---------- Records for this task
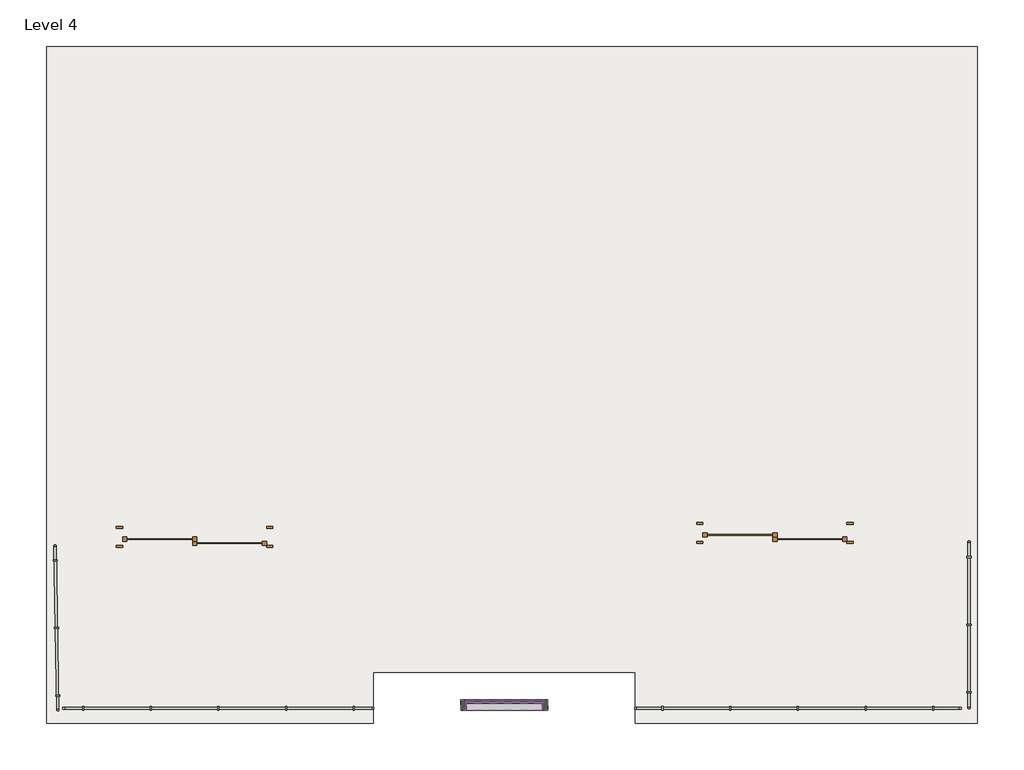
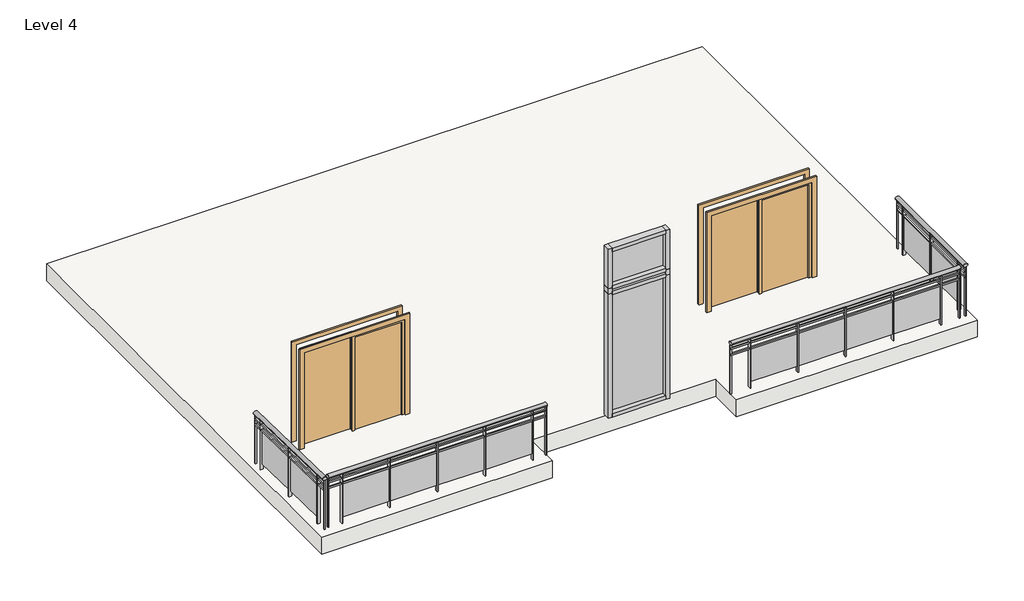
# One storey: 10 members, 4 railings, 3 plates, 2 doors, 1 roof.
"""IFC4 building model written with IfcOpenShell, lengths in millimetres."""

from ifc_helpers import new_model, si_unit, point, frame, origin, place, context, project, spatial, polyline, ellipse_curve, trimmed, outline, extrude, transform, mapped, element, save
from ifc_brep_helpers import plane_surface, extruded_surface, advanced_brep
from components import door_076b30e0, member_d1708325, member_fb13da3b, member_73c23c35, member_410c6227, member_ae70dd35, system_panel_glazed_14bb7e7b, system_panel_glazed_8073c085, system_panel_glazed_7d1a27c5

model = new_model("IFC4")

# Units and contexts
model_context = context("Model", 3, world=origin())
ifc_project = project(units=[si_unit("LENGTHUNIT", "METRE", prefix="MILLI")], contexts=[model_context])

# Site, building, storey
site = spatial("IfcSite", under=ifc_project)
building = spatial("IfcBuilding", under=site)
storey = spatial("IfcBuildingStorey", under=building, Name="Level 4", Elevation=10972.8)

# Doors
placement = place(None, origin())
door_shape = door_076b30e0(model_context)
element("IfcDoor", 1, ObjectType="Door-Double-Sliding : 68\" x 80\"", at=placement, inside=storey, context=model_context, shape_type="MappedRepresentation", body=[
    mapped(door_shape, transform((-2271.8087885, 3717.6236997, 10972.8), x_axis=(-1.0, 0.0, 0.0), y_axis=(0.0, -1.0, 0.0), z_axis=(0.0, 0.0, 1.0))),
])
element("IfcDoor", 2, ObjectType="Door-Double-Sliding : 68\" x 80\"", at=placement, inside=storey, context=model_context, shape_type="MappedRepresentation", body=[
    mapped(door_shape, transform((-9238.1183714, 3666.8236997, 10972.8), x_axis=(-1.0, 0.0, 0.0), y_axis=(0.0, -1.0, 0.0), z_axis=(0.0, 0.0, 1.0))),
])

# Members
member_shape = member_d1708325(model_context)
element("IfcMember", 3, ObjectType="Rectangular Mullion : 2.5\" x 5\" rectangular", at=placement, inside=storey, context=model_context, shape_type="MappedRepresentation", body=[
    mapped(member_shape, transform((-6041.6537147, 1520.5236997, 13817.6), x_axis=(-1.0, 0.0, 0.0), y_axis=(0.0, -1.0, 0.0), z_axis=(0.0, 0.0, 1.0))),
])
member_2_shape = member_fb13da3b(model_context)
element("IfcMember", 4, ObjectType="Rectangular Mullion : 2.5\" x 5\" rectangular", at=placement, inside=storey, context=model_context, shape_type="MappedRepresentation", body=[
    mapped(member_2_shape, transform((-6041.6537147, 1520.5236997, 13919.2), x_axis=(-1.0, 0.0, 0.0), y_axis=(0.0, -1.0, 0.0), z_axis=(0.0, 0.0, 1.0))),
])
member_3_shape = member_73c23c35(model_context)
element("IfcMember", 5, ObjectType="Rectangular Mullion : 2.5\" x 5\" rectangular", at=placement, inside=storey, context=model_context, shape_type="MappedRepresentation", body=[
    mapped(member_3_shape, transform((-5978.1537147, 1520.5236997, 11582.4), x_axis=(0.0, 0.0, -1.0), y_axis=(0.0, -1.0, 0.0), z_axis=(-1.0, 0.0, 0.0))),
])
member_4_shape = member_410c6227(model_context)
element("IfcMember", 6, ObjectType="Rectangular Mullion : 2.5\" x 5\" rectangular", at=placement, inside=storey, context=model_context, shape_type="MappedRepresentation", body=[
    mapped(member_4_shape, transform((-5063.7537147, 1520.5236997, 13817.6), x_axis=(0.0, 0.0, 1.0), y_axis=(0.0, -1.0, 0.0), z_axis=(1.0, 0.0, 0.0))),
])
element("IfcMember", 7, ObjectType="Rectangular Mullion : 2.5\" x 5\" rectangular", at=placement, inside=storey, context=model_context, shape_type="MappedRepresentation", body=[
    mapped(member_4_shape, transform((-5063.7537147, 1520.5236997, 13919.2), x_axis=(0.0, 0.0, 1.0), y_axis=(0.0, -1.0, 0.0), z_axis=(1.0, 0.0, 0.0))),
])
element("IfcMember", 8, ObjectType="Rectangular Mullion : 2.5\" x 5\" rectangular", at=placement, inside=storey, context=model_context, shape_type="MappedRepresentation", body=[
    mapped(member_3_shape, transform((-5063.7537147, 1520.5236997, 14630.4), x_axis=(0.0, 0.0, 1.0), y_axis=(0.0, -1.0, 0.0), z_axis=(1.0, 0.0, 0.0))),
])
element("IfcMember", 9, ObjectType="Rectangular Mullion : 2.5\" x 5\" rectangular", at=placement, inside=storey, context=model_context, shape_type="MappedRepresentation", body=[
    mapped(member_2_shape, transform((-5000.2537147, 1520.5236997, 13817.6), x_axis=(1.0, 0.0, 0.0), y_axis=(0.0, -1.0, 0.0), z_axis=(0.0, 0.0, -1.0))),
])
element("IfcMember", 10, ObjectType="Rectangular Mullion : 2.5\" x 5\" rectangular", at=placement, inside=storey, context=model_context, shape_type="MappedRepresentation", body=[
    mapped(member_shape, transform((-5000.2537147, 1520.5236997, 11582.4), x_axis=(1.0, 0.0, 0.0), y_axis=(0.0, -1.0, 0.0), z_axis=(0.0, 0.0, -1.0))),
])
member_5_shape = member_ae70dd35(model_context)
element("IfcMember", 11, ObjectType="Rectangular Mullion : 2.5\" x 5\" rectangular", at=placement, inside=storey, context=model_context, shape_type="MappedRepresentation", body=[
    mapped(member_5_shape, transform((-6041.6537147, 1520.5236997, 14630.4), x_axis=(-1.0, 0.0, 0.0), y_axis=(0.0, -1.0, 0.0), z_axis=(0.0, 0.0, 1.0))),
])
element("IfcMember", 12, ObjectType="Rectangular Mullion : 2.5\" x 5\" rectangular", at=placement, inside=storey, context=model_context, shape_type="MappedRepresentation", body=[
    mapped(member_5_shape, transform((-5000.2537147, 1520.5236997, 13919.2), x_axis=(1.0, 0.0, 0.0), y_axis=(0.0, -1.0, 0.0), z_axis=(0.0, 0.0, -1.0))),
])

# Plates
system_panel_glazed_shape = system_panel_glazed_14bb7e7b(model_context)
element("IfcPlate", 13, ObjectType="System Panel : Glazed", at=placement, inside=storey, context=model_context, shape_type="MappedRepresentation", body=[
    mapped(system_panel_glazed_shape, transform((-5520.9537147, 1520.5236997, 11645.9), x_axis=(1.0, 0.0, 0.0), y_axis=(0.0, 1.0, 0.0), z_axis=(0.0, 0.0, 1.0))),
])
system_panel_glazed_2_shape = system_panel_glazed_8073c085(model_context)
element("IfcPlate", 14, ObjectType="System Panel : Glazed", at=placement, inside=storey, context=model_context, shape_type="MappedRepresentation", body=[
    mapped(system_panel_glazed_2_shape, transform((-5520.9537147, 1520.5236997, 13849.35), x_axis=(1.0, 0.0, 0.0), y_axis=(0.0, 1.0, 0.0), z_axis=(0.0, 0.0, 1.0))),
])
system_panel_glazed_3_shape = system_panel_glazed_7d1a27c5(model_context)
--------------------
= Action item =
Leave images out of the retyped records; keep all else exact.

= Answer to this task =
# One storey: 10 members, 4 railings, 3 plates, 2 doors, 1 roof.
"""IFC4 building model written with IfcOpenShell, lengths in millimetres."""

from ifc_helpers import new_model, si_unit, point, frame, origin, place, context, project, spatial, polyline, ellipse_curve, trimmed, outline, extrude, transform, mapped, element, save
from ifc_brep_helpers import plane_surface, extruded_surface, advanced_brep
from components import door_076b30e0, member_d1708325, member_fb13da3b, member_73c23c35, member_410c6227, member_ae70dd35, system_panel_glazed_14bb7e7b, system_panel_glazed_8073c085, system_panel_glazed_7d1a27c5

model = new_model("IFC4")

# Units and contexts
model_context = context("Model", 3, world=origin())
ifc_project = project(units=[si_unit("LENGTHUNIT", "METRE", prefix="MILLI")], contexts=[model_context])

# Site, building, storey
site = spatial("IfcSite", under=ifc_project)
building = spatial("IfcBuilding", under=site)
storey = spatial("IfcBuildingStorey", under=building, Name="Level 4", Elevation=10972.8)

# Doors
placement = place(None, origin())
door_shape = door_076b30e0(model_context)
element("IfcDoor", 1, ObjectType="Door-Double-Sliding : 68\" x 80\"", at=placement, inside=storey, context=model_context, shape_type="MappedRepresentation", body=[
    mapped(door_shape, transform((-2271.8087885, 3717.6236997, 10972.8), x_axis=(-1.0, 0.0, 0.0), y_axis=(0.0, -1.0, 0.0), z_axis=(0.0, 0.0, 1.0))),
])
element("IfcDoor", 2, ObjectType="Door-Double-Sliding : 68\" x 80\"", at=placement, inside=storey, context=model_context, shape_type="MappedRepresentation", body=[
    mapped(door_shape, transform((-9238.1183714, 3666.8236997, 10972.8), x_axis=(-1.0, 0.0, 0.0), y_axis=(0.0, -1.0, 0.0), z_axis=(0.0, 0.0, 1.0))),
])

# Members
member_shape = member_d1708325(model_context)
element("IfcMember", 3, ObjectType="Rectangular Mullion : 2.5\" x 5\" rectangular", at=placement, inside=storey, context=model_context, shape_type="MappedRepresentation", body=[
    mapped(member_shape, transform((-6041.6537147, 1520.5236997, 13817.6), x_axis=(-1.0, 0.0, 0.0), y_axis=(0.0, -1.0, 0.0), z_axis=(0.0, 0.0, 1.0))),
])
member_2_shape = member_fb13da3b(model_context)
element("IfcMember", 4, ObjectType="Rectangular Mullion : 2.5\" x 5\" rectangular", at=placement, inside=storey, context=model_context, shape_type="MappedRepresentation", body=[
    mapped(member_2_shape, transform((-6041.6537147, 1520.5236997, 13919.2), x_axis=(-1.0, 0.0, 0.0), y_axis=(0.0, -1.0, 0.0), z_axis=(0.0, 0.0, 1.0))),
])
member_3_shape = member_73c23c35(model_context)
element("IfcMember", 5, ObjectType="Rectangular Mullion : 2.5\" x 5\" rectangular", at=placement, inside=storey, context=model_context, shape_type="MappedRepresentation", body=[
    mapped(member_3_shape, transform((-5978.1537147, 1520.5236997, 11582.4), x_axis=(0.0, 0.0, -1.0), y_axis=(0.0, -1.0, 0.0), z_axis=(-1.0, 0.0, 0.0))),
])
member_4_shape = member_410c6227(model_context)
element("IfcMember", 6, ObjectType="Rectangular Mullion : 2.5\" x 5\" rectangular", at=placement, inside=storey, context=model_context, shape_type="MappedRepresentation", body=[
    mapped(member_4_shape, transform((-5063.7537147, 1520.5236997, 13817.6), x_axis=(0.0, 0.0, 1.0), y_axis=(0.0, -1.0, 0.0), z_axis=(1.0, 0.0, 0.0))),
])
element("IfcMember", 7, ObjectType="Rectangular Mullion : 2.5\" x 5\" rectangular", at=placement, inside=storey, context=model_context, shape_type="MappedRepresentation", body=[
    mapped(member_4_shape, transform((-5063.7537147, 1520.5236997, 13919.2), x_axis=(0.0, 0.0, 1.0), y_axis=(0.0, -1.0, 0.0), z_axis=(1.0, 0.0, 0.0))),
])
element("IfcMember", 8, ObjectType="Rectangular Mullion : 2.5\" x 5\" rectangular", at=placement, inside=storey, context=model_context, shape_type="MappedRepresentation", body=[
    mapped(member_3_shape, transform((-5063.7537147, 1520.5236997, 14630.4), x_axis=(0.0, 0.0, 1.0), y_axis=(0.0, -1.0, 0.0), z_axis=(1.0, 0.0, 0.0))),
])
element("IfcMember", 9, ObjectType="Rectangular Mullion : 2.5\" x 5\" rectangular", at=placement, inside=storey, context=model_context, shape_type="MappedRepresentation", body=[
    mapped(member_2_shape, transform((-5000.2537147, 1520.5236997, 13817.6), x_axis=(1.0, 0.0, 0.0), y_axis=(0.0, -1.0, 0.0), z_axis=(0.0, 0.0, -1.0))),
])
element("IfcMember", 10, ObjectType="Rectangular Mullion : 2.5\" x 5\" rectangular", at=placement, inside=storey, context=model_context, shape_type="MappedRepresentation", body=[
    mapped(member_shape, transform((-5000.2537147, 1520.5236997, 11582.4), x_axis=(1.0, 0.0, 0.0), y_axis=(0.0, -1.0, 0.0), z_axis=(0.0, 0.0, -1.0))),
])
member_5_shape = member_ae70dd35(model_context)
element("IfcMember", 11, ObjectType="Rectangular Mullion : 2.5\" x 5\" rectangular", at=placement, inside=storey, context=model_context, shape_type="MappedRepresentation", body=[
    mapped(member_5_shape, transform((-6041.6537147, 1520.5236997, 14630.4), x_axis=(-1.0, 0.0, 0.0), y_axis=(0.0, -1.0, 0.0), z_axis=(0.0, 0.0, 1.0))),
])
element("IfcMember", 12, ObjectType="Rectangular Mullion : 2.5\" x 5\" rectangular", at=placement, inside=storey, context=model_context, shape_type="MappedRepresentation", body=[
    mapped(member_5_shape, transform((-5000.2537147, 1520.5236997, 13919.2), x_axis=(1.0, 0.0, 0.0), y_axis=(0.0, -1.0, 0.0), z_axis=(0.0, 0.0, -1.0))),
])

# Plates
system_panel_glazed_shape = system_panel_glazed_14bb7e7b(model_context)
element("IfcPlate", 13, ObjectType="System Panel : Glazed", at=placement, inside=storey, context=model_context, shape_type="MappedRepresentation", body=[
    mapped(system_panel_glazed_shape, transform((-5520.9537147, 1520.5236997, 11645.9), x_axis=(1.0, 0.0, 0.0), y_axis=(0.0, 1.0, 0.0), z_axis=(0.0, 0.0, 1.0))),
])
system_panel_glazed_2_shape = system_panel_glazed_8073c085(model_context)
element("IfcPlate", 14, ObjectType="System Panel : Glazed", at=placement, inside=storey, context=model_context, shape_type="MappedRepresentation", body=[
    mapped(system_panel_glazed_2_shape, transform((-5520.9537147, 1520.5236997, 13849.35), x_axis=(1.0, 0.0, 0.0), y_axis=(0.0, 1.0, 0.0), z_axis=(0.0, 0.0, 1.0))),
])
system_panel_glazed_3_shape = system_panel_glazed_7d1a27c5(model_context)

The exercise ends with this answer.